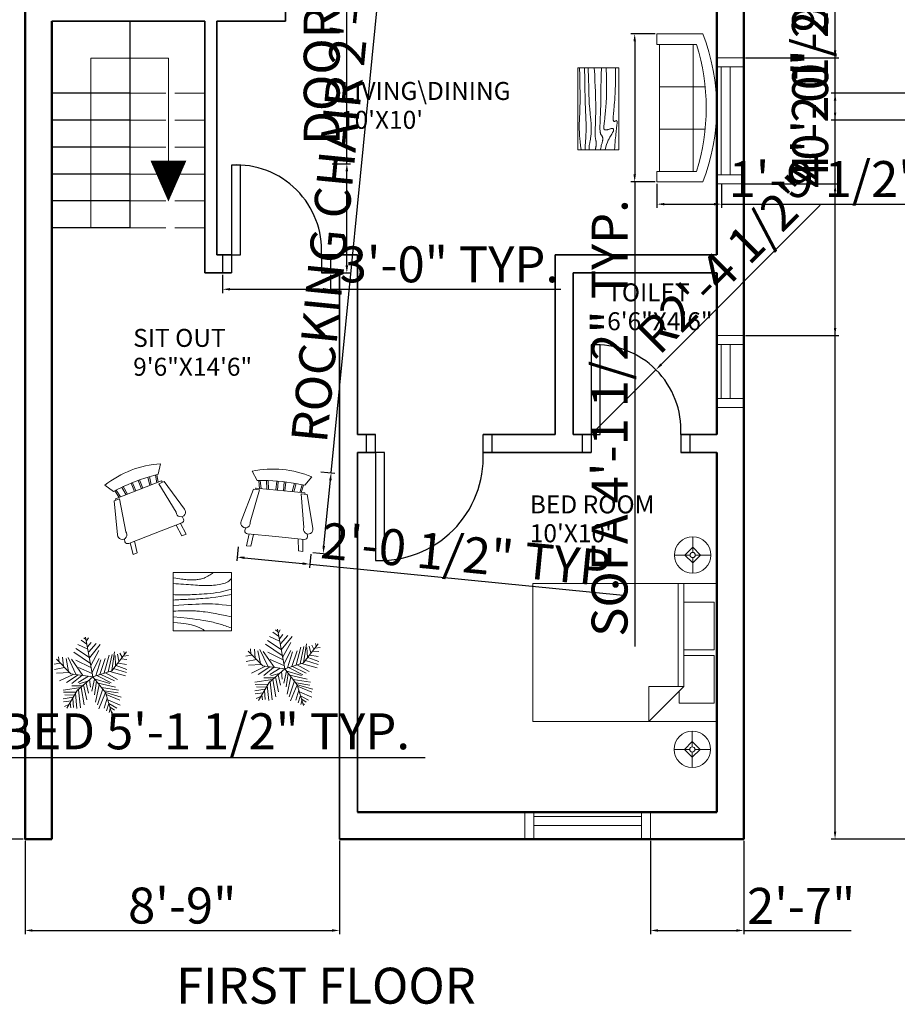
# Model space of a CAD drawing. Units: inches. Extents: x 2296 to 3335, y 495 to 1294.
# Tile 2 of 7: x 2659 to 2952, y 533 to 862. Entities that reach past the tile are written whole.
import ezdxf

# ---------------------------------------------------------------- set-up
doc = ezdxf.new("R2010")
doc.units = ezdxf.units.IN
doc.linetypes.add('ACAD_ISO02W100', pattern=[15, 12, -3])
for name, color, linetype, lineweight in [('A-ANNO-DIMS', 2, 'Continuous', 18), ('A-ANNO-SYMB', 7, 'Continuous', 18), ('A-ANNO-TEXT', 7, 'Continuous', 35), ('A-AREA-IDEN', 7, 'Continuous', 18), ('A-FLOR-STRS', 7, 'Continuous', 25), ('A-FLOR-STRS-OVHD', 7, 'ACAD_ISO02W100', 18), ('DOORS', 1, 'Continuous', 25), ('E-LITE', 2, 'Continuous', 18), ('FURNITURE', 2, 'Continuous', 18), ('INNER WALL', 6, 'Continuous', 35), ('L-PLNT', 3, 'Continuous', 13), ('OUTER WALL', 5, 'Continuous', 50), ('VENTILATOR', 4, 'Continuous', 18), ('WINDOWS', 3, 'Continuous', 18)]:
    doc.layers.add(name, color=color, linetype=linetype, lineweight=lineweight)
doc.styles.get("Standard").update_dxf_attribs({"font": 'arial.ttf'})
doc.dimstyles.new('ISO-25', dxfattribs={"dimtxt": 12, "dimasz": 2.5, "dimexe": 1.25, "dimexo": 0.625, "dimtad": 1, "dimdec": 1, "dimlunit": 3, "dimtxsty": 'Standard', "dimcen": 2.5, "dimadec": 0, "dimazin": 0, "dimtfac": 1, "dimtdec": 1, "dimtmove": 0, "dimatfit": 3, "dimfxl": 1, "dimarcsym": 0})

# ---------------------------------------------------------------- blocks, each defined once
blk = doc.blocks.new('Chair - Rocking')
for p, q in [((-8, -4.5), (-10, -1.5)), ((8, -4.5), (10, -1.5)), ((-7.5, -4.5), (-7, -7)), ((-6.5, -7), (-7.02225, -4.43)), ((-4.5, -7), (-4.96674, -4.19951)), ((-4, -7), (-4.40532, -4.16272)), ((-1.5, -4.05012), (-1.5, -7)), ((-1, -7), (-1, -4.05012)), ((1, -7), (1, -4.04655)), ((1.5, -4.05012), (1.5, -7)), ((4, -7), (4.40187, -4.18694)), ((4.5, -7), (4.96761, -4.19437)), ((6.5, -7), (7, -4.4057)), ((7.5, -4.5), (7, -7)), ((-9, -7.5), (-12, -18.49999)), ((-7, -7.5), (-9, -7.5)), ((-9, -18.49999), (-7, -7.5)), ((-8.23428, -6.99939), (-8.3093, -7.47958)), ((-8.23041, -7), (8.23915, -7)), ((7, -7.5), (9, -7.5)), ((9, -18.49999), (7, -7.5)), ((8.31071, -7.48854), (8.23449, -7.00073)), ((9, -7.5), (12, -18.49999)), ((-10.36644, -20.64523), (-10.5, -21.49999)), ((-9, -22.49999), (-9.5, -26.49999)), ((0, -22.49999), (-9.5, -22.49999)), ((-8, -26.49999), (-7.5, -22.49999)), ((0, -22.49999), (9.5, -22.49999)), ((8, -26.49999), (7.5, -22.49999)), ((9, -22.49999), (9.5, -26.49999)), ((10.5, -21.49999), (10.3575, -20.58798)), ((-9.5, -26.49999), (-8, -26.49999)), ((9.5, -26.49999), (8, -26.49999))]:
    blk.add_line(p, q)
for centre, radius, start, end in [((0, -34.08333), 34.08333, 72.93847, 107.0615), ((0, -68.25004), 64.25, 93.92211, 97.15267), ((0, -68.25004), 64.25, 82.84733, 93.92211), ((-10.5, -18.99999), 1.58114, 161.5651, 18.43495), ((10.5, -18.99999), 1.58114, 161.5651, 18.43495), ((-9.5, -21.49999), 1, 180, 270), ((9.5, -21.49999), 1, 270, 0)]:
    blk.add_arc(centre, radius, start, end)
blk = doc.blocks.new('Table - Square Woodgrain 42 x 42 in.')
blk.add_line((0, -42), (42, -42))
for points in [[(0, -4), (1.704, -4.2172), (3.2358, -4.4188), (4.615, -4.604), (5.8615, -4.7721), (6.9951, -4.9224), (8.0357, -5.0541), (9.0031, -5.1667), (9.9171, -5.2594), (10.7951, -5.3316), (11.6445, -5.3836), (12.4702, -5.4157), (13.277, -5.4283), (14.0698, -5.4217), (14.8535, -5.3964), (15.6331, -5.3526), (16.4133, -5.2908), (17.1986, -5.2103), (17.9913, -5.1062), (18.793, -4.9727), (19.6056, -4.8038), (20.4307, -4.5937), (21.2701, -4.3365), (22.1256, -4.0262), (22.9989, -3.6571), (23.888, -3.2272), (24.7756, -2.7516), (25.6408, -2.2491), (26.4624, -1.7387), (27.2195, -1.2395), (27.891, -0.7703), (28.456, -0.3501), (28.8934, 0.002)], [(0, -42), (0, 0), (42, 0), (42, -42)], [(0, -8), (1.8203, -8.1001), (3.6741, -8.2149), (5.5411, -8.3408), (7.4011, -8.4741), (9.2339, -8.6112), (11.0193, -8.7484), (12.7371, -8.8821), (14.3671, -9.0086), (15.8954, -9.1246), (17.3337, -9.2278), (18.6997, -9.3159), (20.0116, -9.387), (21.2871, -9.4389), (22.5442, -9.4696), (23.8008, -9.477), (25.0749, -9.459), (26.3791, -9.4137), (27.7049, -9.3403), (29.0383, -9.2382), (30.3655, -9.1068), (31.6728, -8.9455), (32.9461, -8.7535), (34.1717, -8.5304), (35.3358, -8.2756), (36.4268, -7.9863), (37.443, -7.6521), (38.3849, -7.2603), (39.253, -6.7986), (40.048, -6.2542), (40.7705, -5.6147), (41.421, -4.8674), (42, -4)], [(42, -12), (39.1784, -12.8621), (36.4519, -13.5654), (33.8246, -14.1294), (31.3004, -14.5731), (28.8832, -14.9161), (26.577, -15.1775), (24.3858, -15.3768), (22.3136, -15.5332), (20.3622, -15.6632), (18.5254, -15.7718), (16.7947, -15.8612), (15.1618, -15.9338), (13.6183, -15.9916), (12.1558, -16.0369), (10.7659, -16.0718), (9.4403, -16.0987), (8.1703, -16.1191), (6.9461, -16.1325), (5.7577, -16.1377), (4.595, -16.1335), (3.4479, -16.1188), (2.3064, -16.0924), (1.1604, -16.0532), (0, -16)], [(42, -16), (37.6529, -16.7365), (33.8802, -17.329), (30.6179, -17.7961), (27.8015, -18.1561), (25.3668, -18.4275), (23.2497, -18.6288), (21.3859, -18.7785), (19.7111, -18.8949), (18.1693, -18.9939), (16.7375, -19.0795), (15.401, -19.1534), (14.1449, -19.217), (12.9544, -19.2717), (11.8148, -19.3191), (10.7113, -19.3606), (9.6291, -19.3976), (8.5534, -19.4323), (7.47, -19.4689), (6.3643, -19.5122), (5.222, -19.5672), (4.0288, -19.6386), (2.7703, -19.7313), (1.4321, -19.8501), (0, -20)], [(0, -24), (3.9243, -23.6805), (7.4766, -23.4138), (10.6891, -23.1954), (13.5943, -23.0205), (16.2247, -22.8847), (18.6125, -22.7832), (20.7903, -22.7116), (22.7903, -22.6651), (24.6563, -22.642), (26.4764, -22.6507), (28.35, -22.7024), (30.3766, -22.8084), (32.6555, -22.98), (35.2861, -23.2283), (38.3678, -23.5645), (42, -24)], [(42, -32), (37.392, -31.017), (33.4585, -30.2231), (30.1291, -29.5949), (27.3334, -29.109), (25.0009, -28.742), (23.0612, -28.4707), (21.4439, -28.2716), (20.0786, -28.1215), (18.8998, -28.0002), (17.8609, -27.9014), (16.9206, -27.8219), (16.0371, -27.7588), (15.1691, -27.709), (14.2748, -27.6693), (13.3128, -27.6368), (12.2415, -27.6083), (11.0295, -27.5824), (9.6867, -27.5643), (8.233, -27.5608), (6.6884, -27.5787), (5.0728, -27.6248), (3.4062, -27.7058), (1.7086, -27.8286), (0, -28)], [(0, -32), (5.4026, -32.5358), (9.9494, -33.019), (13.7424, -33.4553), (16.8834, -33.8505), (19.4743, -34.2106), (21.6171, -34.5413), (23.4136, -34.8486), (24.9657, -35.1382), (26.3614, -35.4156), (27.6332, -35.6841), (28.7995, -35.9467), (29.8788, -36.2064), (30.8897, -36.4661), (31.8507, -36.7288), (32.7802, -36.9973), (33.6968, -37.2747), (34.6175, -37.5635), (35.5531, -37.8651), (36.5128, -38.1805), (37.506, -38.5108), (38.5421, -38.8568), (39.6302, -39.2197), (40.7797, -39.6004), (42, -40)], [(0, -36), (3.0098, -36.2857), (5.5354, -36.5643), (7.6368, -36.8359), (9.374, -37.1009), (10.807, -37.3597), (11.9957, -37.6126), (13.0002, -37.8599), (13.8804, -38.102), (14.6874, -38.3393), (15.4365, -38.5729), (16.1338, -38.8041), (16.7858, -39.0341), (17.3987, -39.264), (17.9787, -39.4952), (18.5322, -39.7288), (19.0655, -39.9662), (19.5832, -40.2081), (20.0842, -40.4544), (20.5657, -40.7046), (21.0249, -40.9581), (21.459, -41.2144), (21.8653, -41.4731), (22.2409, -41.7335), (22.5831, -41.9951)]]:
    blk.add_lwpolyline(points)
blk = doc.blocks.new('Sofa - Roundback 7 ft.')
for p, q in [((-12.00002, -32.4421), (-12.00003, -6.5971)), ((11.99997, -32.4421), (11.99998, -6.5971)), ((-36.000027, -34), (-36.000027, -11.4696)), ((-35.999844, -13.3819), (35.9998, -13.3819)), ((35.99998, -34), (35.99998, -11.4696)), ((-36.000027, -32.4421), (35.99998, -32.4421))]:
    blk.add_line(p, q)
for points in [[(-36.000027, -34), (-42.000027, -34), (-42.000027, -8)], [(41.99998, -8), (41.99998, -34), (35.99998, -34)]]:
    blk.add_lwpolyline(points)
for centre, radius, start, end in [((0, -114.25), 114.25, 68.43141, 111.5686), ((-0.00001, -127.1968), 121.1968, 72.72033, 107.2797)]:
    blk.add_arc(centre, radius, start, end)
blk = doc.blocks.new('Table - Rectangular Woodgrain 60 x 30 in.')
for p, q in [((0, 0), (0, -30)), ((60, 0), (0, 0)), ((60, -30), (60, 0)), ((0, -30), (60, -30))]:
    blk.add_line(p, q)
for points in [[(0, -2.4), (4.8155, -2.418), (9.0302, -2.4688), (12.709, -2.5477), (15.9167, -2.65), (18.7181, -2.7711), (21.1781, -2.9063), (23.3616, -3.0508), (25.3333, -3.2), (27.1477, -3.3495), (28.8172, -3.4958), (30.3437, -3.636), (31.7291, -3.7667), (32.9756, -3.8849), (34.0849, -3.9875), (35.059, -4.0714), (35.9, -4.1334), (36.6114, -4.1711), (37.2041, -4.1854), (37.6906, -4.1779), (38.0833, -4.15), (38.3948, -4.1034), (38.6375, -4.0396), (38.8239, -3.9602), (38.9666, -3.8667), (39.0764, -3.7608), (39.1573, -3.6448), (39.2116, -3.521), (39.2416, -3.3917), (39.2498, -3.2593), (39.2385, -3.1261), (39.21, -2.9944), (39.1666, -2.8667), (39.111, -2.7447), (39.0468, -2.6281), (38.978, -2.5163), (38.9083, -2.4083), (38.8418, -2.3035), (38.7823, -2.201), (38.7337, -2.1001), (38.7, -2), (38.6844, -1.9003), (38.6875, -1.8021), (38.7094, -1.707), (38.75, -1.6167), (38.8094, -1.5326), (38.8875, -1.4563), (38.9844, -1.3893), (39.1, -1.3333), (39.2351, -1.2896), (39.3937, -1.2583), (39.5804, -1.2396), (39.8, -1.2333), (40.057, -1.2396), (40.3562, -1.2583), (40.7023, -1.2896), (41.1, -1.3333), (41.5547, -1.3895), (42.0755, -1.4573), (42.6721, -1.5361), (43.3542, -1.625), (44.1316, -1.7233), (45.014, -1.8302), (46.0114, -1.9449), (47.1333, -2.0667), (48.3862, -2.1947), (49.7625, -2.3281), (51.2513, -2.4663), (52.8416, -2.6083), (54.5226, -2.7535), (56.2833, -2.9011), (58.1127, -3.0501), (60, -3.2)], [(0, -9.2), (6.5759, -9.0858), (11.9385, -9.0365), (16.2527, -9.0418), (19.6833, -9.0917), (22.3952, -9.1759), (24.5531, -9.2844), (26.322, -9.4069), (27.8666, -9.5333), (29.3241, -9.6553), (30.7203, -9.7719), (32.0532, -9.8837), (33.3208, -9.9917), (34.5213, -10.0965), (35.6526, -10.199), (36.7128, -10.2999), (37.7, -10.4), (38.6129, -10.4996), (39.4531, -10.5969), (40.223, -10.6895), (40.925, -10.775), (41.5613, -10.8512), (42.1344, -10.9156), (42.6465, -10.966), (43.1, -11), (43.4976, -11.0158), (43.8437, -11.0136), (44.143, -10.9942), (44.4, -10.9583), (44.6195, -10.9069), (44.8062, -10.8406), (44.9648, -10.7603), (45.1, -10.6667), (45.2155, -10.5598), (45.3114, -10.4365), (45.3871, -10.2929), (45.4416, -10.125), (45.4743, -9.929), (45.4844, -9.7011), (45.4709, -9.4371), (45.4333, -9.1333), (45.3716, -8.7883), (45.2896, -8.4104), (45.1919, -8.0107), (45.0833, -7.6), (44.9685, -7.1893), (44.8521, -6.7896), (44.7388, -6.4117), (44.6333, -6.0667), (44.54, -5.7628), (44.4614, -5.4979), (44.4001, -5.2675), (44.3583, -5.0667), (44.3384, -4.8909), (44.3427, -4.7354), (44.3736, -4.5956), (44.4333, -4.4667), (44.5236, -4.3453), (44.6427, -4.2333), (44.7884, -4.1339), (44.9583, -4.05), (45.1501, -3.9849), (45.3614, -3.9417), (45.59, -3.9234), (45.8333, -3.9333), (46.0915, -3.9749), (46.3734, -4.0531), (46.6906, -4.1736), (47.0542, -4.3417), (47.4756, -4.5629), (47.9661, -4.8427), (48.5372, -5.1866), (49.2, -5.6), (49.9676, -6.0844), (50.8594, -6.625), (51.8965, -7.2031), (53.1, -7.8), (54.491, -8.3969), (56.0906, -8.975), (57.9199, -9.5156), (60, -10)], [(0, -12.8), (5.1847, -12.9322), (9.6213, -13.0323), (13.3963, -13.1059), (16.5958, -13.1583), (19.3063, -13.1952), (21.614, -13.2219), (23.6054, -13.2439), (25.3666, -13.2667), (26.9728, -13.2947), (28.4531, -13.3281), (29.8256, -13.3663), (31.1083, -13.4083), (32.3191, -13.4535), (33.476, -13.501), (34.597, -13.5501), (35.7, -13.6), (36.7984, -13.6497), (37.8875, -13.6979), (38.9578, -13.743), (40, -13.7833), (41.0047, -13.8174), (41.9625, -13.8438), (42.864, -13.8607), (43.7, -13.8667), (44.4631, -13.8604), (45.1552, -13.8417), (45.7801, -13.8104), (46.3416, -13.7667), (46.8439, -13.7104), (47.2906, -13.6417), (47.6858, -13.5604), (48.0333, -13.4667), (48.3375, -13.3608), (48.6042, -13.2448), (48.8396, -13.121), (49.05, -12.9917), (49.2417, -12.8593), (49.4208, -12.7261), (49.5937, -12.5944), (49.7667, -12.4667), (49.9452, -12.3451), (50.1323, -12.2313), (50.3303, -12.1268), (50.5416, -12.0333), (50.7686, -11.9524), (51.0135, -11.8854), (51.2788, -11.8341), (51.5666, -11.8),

════════

*Problem to work on*
Which lines in the records above hold the string "blocks"? Copy each of them.

*Written response*
# ---------------------------------------------------------------- blocks, each defined once
blk = doc.blocks.new('Chair - Rocking')
blk = doc.blocks.new('Table - Square Woodgrain 42 x 42 in.')
blk = doc.blocks.new('Sofa - Roundback 7 ft.')
blk = doc.blocks.new('Table - Rectangular Woodgrain 60 x 30 in.')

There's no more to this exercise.